* _Exercise instructions_:
Report how many lines in the records that follow have the word "direction" in them, giving the number and nothing more.
[Exercise data]
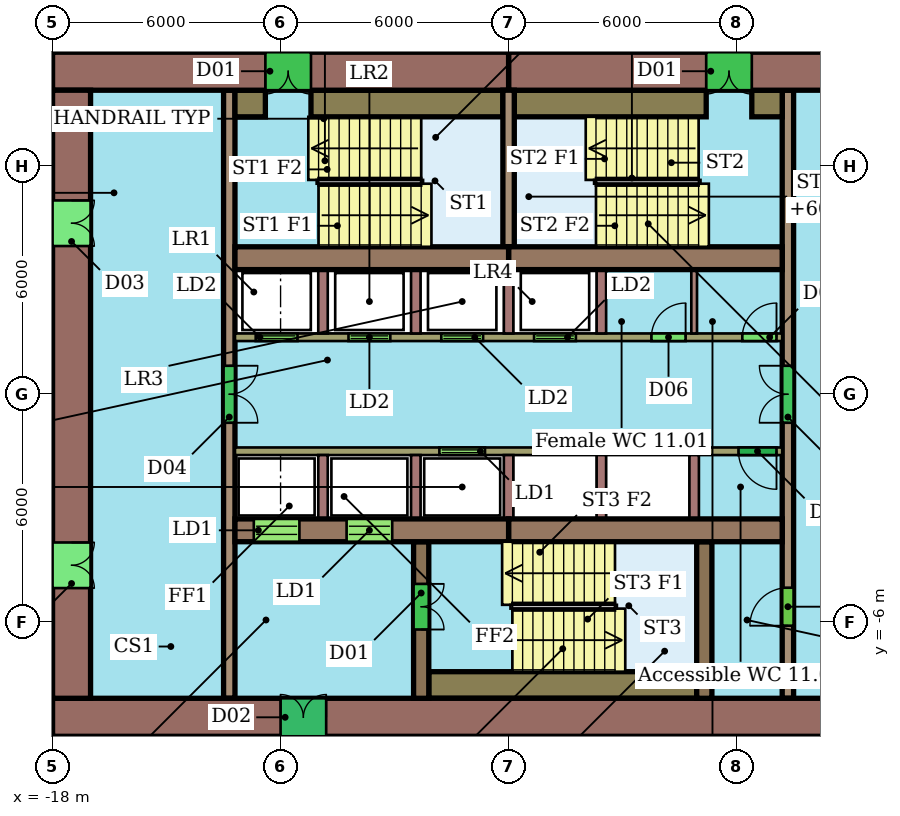
"""IFC4 building model, lengths in metres.
Left out: names, types, materials, properties, quantities, classifications, styles, units other than length and angle.
Written with IfcOpenShell. Run it as: python <this file> out.ifc"""

import sys

from ifc_helpers import new_model, si_unit, direction, frame, frame_2d, origin, place, context, subcontext, project, spatial, rectangle, extrude, element, fill, save


model = new_model("IFC4")
c1 = context("Model", 3, precision=1e-05, world=origin(), true_north=direction((0.0, 1.0)))
c2 = subcontext(c1, "Body", "Model", "MODEL_VIEW")
j1 = project(units=[si_unit("LENGTHUNIT", "METRE"), si_unit("PLANEANGLEUNIT", "RADIAN")], contexts=[c1])
p1 = place(None, origin())
s1 = spatial("IfcSite", under=j1, at=p1, CompositionType="ELEMENT")
p2 = place(p1, origin())
s2 = spatial("IfcBuilding", under=s1, at=p2, CompositionType="ELEMENT")
p3 = place(p2, frame((0.0, 0.0, 58.2)))
s3 = spatial("IfcBuildingStorey", under=s2, at=p3, CompositionType="ELEMENT", Elevation=58.2)
p4 = place(p3, frame((6.0, 8.5, 0.0), z_axis=(0.0, 0.0, 1.0), x_axis=(-1.0, 0.0, 0.0)))
e1 = element("IfcWall", 1, at=p4, inside=s3, PredefinedType="SHEAR", context=c2, shape_type="SweptSolid", body=[
    extrude(rectangle(XDim=12.0, YDim=1.0, at=frame_2d((6.0, 0.0))), origin(), (0.0, 0.0, 1.0), 3.4),
])
p5 = place(p4, frame((5.6, 0.0, 0.0)))
e2 = element("IfcOpeningElement", 2, at=p5, cuts=e1, PredefinedType="OPENING", context=c2, shape_type="SweptSolid", body=[
    extrude(rectangle(XDim=1.2, YDim=2.1, at=frame_2d((0.6, 1.05))), frame((0.0, 0.51, 0.0), z_axis=(0.0, -1.0, 0.0), x_axis=(1.0, 0.0, 0.0)), (0.0, 0.0, 1.0), 1.02),
])
p6 = place(p3, frame((-6.0, 8.5, 0.0), z_axis=(0.0, 0.0, 1.0), x_axis=(-1.0, 0.0, 0.0)))
e3 = element("IfcWall", 3, at=p6, inside=s3, PredefinedType="SHEAR", context=c2, shape_type="SweptSolid", body=[
    extrude(rectangle(XDim=12.0, YDim=1.0, at=frame_2d((6.0, 0.0))), origin(), (0.0, 0.0, 1.0), 3.4),
])
p7 = place(p6, frame((5.2, 0.0, 0.0)))
e4 = element("IfcOpeningElement", 4, at=p7, cuts=e3, PredefinedType="OPENING", context=c2, shape_type="SweptSolid", body=[
    extrude(rectangle(XDim=1.2, YDim=2.1, at=frame_2d((0.6, 1.05))), frame((0.0, 0.51, 0.0), z_axis=(0.0, -1.0, 0.0), x_axis=(1.0, 0.0, 0.0)), (0.0, 0.0, 1.0), 1.02),
])
p8 = place(p3, frame((-18.0, -8.5, 0.0), z_axis=(0.0, 0.0, 1.0), x_axis=(1.0, 0.0, 0.0)))
e5 = element("IfcWall", 5, at=p8, inside=s3, PredefinedType="SHEAR", context=c2, shape_type="SweptSolid", body=[
    extrude(rectangle(XDim=24.0, YDim=1.0, at=frame_2d((12.0, 0.0))), origin(), (0.0, 0.0, 1.0), 3.4),
])
p9 = place(p8, frame((6.0, 0.0, 0.0)))
e6 = element("IfcOpeningElement", 6, at=p9, cuts=e5, PredefinedType="OPENING", context=c2, shape_type="SweptSolid", body=[
    extrude(rectangle(XDim=1.2, YDim=2.1, at=frame_2d((0.6, 1.05))), frame((0.0, 0.51, 0.0), z_axis=(0.0, -1.0, 0.0), x_axis=(1.0, 0.0, 0.0)), (0.0, 0.0, 1.0), 1.02),
])
p10 = place(p3, frame((-17.5, 8.0, 0.0), z_axis=(0.0, 0.0, 1.0), x_axis=(0.0, -1.0, 0.0)))
e7 = element("IfcWall", 7, at=p10, inside=s3, PredefinedType="SHEAR", context=c2, shape_type="SweptSolid", body=[
    extrude(rectangle(XDim=16.0, YDim=1.0, at=frame_2d((8.0, 0.0))), origin(), (0.0, 0.0, 1.0), 3.4),
])
p11 = place(p10, frame((11.9, 0.0, 0.0)))
e8 = element("IfcOpeningElement", 8, at=p11, cuts=e7, PredefinedType="OPENING", context=c2, shape_type="SweptSolid", body=[
    extrude(rectangle(XDim=1.2, YDim=2.1, at=frame_2d((0.6, 1.05))), frame((0.0, 0.51, 0.0), z_axis=(0.0, -1.0, 0.0), x_axis=(1.0, 0.0, 0.0)), (0.0, 0.0, 1.0), 1.02),
])
p12 = place(p10, frame((2.9, 0.0, 0.0)))
e9 = element("IfcOpeningElement", 9, at=p12, cuts=e7, PredefinedType="OPENING", context=c2, shape_type="SweptSolid", body=[
    extrude(rectangle(XDim=1.2, YDim=2.1, at=frame_2d((0.6, 1.05))), frame((0.0, 0.51, 0.0), z_axis=(0.0, -1.0, 0.0), x_axis=(1.0, 0.0, 0.0)), (0.0, 0.0, 1.0), 1.02),
])
for number, where, z_axis, x_axis in (
    (10, (-13.2, 3.58, 0.0), (0.0, 0.0, 1.0), (1.0, 0.0, 0.0)),
    (11, (-6.0, 3.58, 0.0), (0.0, 0.0, 1.0), (1.0, 0.0, 0.0)),
):
    element("IfcWall", number, at=place(p3, frame(where, z_axis=z_axis, x_axis=x_axis)), inside=s3, PredefinedType="SHEAR", context=c2, shape_type="SweptSolid", body=[
        extrude(rectangle(XDim=7.2, YDim=0.6, at=frame_2d((3.6, 0.0))), origin(), (0.0, 0.0, 1.0), 3.4),
    ])
p13 = place(p3, frame((-13.2, -3.58, 0.0), z_axis=(0.0, 0.0, 1.0), x_axis=(1.0, 0.0, 0.0)))
e12 = element("IfcWall", 12, at=p13, inside=s3, PredefinedType="SHEAR", context=c2, shape_type="SweptSolid", body=[
    extrude(rectangle(XDim=7.2, YDim=0.6, at=frame_2d((3.6, 0.0))), origin(), (0.0, 0.0, 1.0), 3.4),
])
p14 = place(p13, frame((0.496, 0.0, 0.0)))
e13 = element("IfcOpeningElement", 13, at=p14, cuts=e12, PredefinedType="OPENING", context=c2, shape_type="SweptSolid", body=[
    extrude(rectangle(XDim=1.2, YDim=2.1, at=frame_2d((0.6, 1.05))), frame((0.0, 0.31, 0.0), z_axis=(0.0, -1.0, 0.0), x_axis=(1.0, 0.0, 0.0)), (0.0, 0.0, 1.0), 0.62),
])
p15 = place(p13, frame((2.938, 0.0, 0.0)))
e14 = element("IfcOpeningElement", 14, at=p15, cuts=e12, PredefinedType="OPENING", context=c2, shape_type="SweptSolid", body=[
    extrude(rectangle(XDim=1.2, YDim=2.1, at=frame_2d((0.6, 1.05))), frame((0.0, 0.31, 0.0), z_axis=(0.0, -1.0, 0.0), x_axis=(1.0, 0.0, 0.0)), (0.0, 0.0, 1.0), 0.62),
])
p16 = place(p3, frame((-6.0, -3.58, 0.0), z_axis=(0.0, 0.0, 1.0), x_axis=(1.0, 0.0, 0.0)))
e15 = element("IfcWall", 15, at=p16, inside=s3, PredefinedType="SHEAR", context=c2, shape_type="SweptSolid", body=[
    extrude(rectangle(XDim=7.2, YDim=0.6, at=frame_2d((3.6, 0.0))), origin(), (0.0, 0.0, 1.0), 3.4),
])
p17 = place(p3, frame((-13.35, 8.0, 0.0), z_axis=(0.0, 0.0, 1.0), x_axis=(0.0, -1.0, 0.0)))
e16 = element("IfcWall", 16, at=p17, inside=s3, PredefinedType="SHEAR", context=c2, shape_type="SweptSolid", body=[
    extrude(rectangle(XDim=16.0, YDim=0.3, at=frame_2d((8.0, 0.0))), origin(), (0.0, 0.0, 1.0), 3.4),
])
p18 = place(p17, frame((7.25, 0.0, 0.0)))
e17 = element("IfcOpeningElement", 17, at=p18, cuts=e16, PredefinedType="OPENING", context=c2, shape_type="SweptSolid", body=[
    extrude(rectangle(XDim=1.5, YDim=2.1, at=frame_2d((0.75, 1.05))), frame((0.0, 0.16, 0.0), z_axis=(0.0, -1.0, 0.0), x_axis=(1.0, 0.0, 0.0)), (0.0, 0.0, 1.0), 0.32),
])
[/Exercise data]
* _Exercise output_:
2